Supplied records START

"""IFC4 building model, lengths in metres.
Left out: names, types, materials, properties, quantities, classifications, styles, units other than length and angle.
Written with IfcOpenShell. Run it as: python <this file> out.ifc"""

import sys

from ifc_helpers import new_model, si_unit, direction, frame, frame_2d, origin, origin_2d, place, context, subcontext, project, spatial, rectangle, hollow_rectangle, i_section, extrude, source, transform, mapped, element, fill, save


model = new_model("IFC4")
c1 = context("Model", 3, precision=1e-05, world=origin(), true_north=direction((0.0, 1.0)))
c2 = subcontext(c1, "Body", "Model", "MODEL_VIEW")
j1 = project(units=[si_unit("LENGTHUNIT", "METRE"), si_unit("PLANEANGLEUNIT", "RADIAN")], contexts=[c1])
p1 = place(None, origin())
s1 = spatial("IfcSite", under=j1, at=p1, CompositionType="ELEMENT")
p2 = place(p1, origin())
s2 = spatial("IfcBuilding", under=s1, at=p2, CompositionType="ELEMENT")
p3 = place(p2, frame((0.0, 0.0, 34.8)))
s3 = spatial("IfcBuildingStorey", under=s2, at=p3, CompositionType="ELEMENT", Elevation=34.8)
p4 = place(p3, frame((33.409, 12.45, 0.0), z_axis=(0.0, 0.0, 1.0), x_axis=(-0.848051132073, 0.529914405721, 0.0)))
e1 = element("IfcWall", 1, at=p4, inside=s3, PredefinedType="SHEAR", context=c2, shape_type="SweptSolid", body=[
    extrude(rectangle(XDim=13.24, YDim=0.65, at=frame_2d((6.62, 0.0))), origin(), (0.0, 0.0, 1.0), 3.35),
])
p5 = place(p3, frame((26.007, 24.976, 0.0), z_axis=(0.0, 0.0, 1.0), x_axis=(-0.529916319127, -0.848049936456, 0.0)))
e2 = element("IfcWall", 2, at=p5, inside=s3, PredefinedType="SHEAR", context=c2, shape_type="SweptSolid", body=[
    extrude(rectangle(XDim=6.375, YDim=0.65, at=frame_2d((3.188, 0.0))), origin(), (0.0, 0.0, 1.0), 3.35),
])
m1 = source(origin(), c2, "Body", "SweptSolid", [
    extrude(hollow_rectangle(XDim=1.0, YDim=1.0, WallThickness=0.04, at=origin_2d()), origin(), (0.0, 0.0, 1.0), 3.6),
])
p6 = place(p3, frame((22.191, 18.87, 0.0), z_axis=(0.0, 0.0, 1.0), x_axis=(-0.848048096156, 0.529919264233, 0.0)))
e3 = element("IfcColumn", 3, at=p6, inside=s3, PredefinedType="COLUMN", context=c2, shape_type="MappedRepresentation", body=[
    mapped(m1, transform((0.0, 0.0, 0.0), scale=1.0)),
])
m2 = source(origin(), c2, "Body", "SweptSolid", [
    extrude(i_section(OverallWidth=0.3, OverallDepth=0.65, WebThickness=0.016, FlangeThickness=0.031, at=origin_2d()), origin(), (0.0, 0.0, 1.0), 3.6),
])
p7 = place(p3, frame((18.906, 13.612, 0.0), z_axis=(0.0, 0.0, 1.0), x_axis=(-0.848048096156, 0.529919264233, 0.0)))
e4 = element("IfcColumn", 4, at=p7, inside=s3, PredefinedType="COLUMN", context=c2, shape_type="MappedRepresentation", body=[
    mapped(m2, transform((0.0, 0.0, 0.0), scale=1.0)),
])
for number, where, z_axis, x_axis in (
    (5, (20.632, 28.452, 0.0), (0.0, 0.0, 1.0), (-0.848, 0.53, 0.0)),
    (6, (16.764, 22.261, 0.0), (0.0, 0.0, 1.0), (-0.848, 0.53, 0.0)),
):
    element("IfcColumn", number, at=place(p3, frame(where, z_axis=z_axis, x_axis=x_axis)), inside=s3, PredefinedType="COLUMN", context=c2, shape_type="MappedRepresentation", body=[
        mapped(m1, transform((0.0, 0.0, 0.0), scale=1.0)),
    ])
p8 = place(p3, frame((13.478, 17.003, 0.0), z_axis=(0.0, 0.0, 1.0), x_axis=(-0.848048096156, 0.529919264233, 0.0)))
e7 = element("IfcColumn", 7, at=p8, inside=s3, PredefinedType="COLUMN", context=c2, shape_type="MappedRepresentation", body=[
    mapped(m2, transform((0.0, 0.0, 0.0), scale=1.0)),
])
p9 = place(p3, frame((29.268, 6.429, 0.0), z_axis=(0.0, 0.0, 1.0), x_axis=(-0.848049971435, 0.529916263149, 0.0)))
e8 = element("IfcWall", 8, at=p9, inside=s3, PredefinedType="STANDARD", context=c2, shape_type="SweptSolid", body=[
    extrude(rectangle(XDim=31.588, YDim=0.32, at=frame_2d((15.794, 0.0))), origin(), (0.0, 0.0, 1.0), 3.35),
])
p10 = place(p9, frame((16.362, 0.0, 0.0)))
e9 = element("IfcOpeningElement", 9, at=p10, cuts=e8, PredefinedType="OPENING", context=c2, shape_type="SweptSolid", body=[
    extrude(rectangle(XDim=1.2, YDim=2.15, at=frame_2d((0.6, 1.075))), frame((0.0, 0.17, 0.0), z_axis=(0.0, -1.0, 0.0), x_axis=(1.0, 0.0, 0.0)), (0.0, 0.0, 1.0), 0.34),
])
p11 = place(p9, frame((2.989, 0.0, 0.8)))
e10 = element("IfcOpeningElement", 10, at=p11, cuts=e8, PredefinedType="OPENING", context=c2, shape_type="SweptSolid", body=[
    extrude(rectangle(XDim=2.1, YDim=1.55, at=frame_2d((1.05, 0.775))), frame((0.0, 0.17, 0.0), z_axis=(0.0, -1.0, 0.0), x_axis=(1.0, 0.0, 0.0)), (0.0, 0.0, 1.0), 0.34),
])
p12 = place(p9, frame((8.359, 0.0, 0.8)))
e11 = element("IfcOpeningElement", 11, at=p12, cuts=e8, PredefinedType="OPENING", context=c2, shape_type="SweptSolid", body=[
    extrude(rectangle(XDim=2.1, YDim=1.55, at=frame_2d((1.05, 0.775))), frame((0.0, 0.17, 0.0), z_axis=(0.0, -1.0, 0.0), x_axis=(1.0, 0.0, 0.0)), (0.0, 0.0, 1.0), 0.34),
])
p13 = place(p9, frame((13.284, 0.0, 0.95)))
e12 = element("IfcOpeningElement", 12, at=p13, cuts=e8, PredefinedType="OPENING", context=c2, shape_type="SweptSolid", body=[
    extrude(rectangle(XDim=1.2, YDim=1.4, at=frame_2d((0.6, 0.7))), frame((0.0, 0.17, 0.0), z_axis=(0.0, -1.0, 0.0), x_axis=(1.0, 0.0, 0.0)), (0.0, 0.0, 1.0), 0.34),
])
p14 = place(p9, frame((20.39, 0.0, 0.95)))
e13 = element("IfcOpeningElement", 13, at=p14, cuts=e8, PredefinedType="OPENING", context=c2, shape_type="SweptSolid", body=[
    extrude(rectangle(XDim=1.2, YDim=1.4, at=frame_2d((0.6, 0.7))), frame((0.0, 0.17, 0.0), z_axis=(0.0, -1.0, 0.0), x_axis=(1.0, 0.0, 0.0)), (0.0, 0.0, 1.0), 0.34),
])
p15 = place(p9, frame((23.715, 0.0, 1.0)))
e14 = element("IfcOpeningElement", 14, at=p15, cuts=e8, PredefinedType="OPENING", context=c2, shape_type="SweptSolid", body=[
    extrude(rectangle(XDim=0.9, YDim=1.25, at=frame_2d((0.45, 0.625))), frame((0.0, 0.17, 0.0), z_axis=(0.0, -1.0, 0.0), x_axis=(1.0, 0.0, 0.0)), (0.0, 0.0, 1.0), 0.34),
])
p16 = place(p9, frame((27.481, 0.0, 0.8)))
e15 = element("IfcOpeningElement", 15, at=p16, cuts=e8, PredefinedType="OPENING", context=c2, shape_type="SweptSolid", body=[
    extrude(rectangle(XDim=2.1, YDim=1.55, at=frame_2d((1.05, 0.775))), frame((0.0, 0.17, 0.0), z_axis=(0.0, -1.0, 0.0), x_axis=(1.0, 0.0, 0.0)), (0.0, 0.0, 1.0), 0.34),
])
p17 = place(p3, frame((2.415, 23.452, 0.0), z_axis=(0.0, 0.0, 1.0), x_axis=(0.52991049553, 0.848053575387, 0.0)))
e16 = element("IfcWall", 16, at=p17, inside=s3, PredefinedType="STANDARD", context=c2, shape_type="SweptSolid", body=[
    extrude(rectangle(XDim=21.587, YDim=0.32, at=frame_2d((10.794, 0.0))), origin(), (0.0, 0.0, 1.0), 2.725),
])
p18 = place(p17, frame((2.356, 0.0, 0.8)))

Supplied records END

Task objective – Show each line of the records above containing "where".

Exercise solution –
for number, where, z_axis, x_axis in (
    element("IfcColumn", number, at=place(p3, frame(where, z_axis=z_axis, x_axis=x_axis)), inside=s3, PredefinedType="COLUMN", context=c2, shape_type="MappedRepresentation", body=[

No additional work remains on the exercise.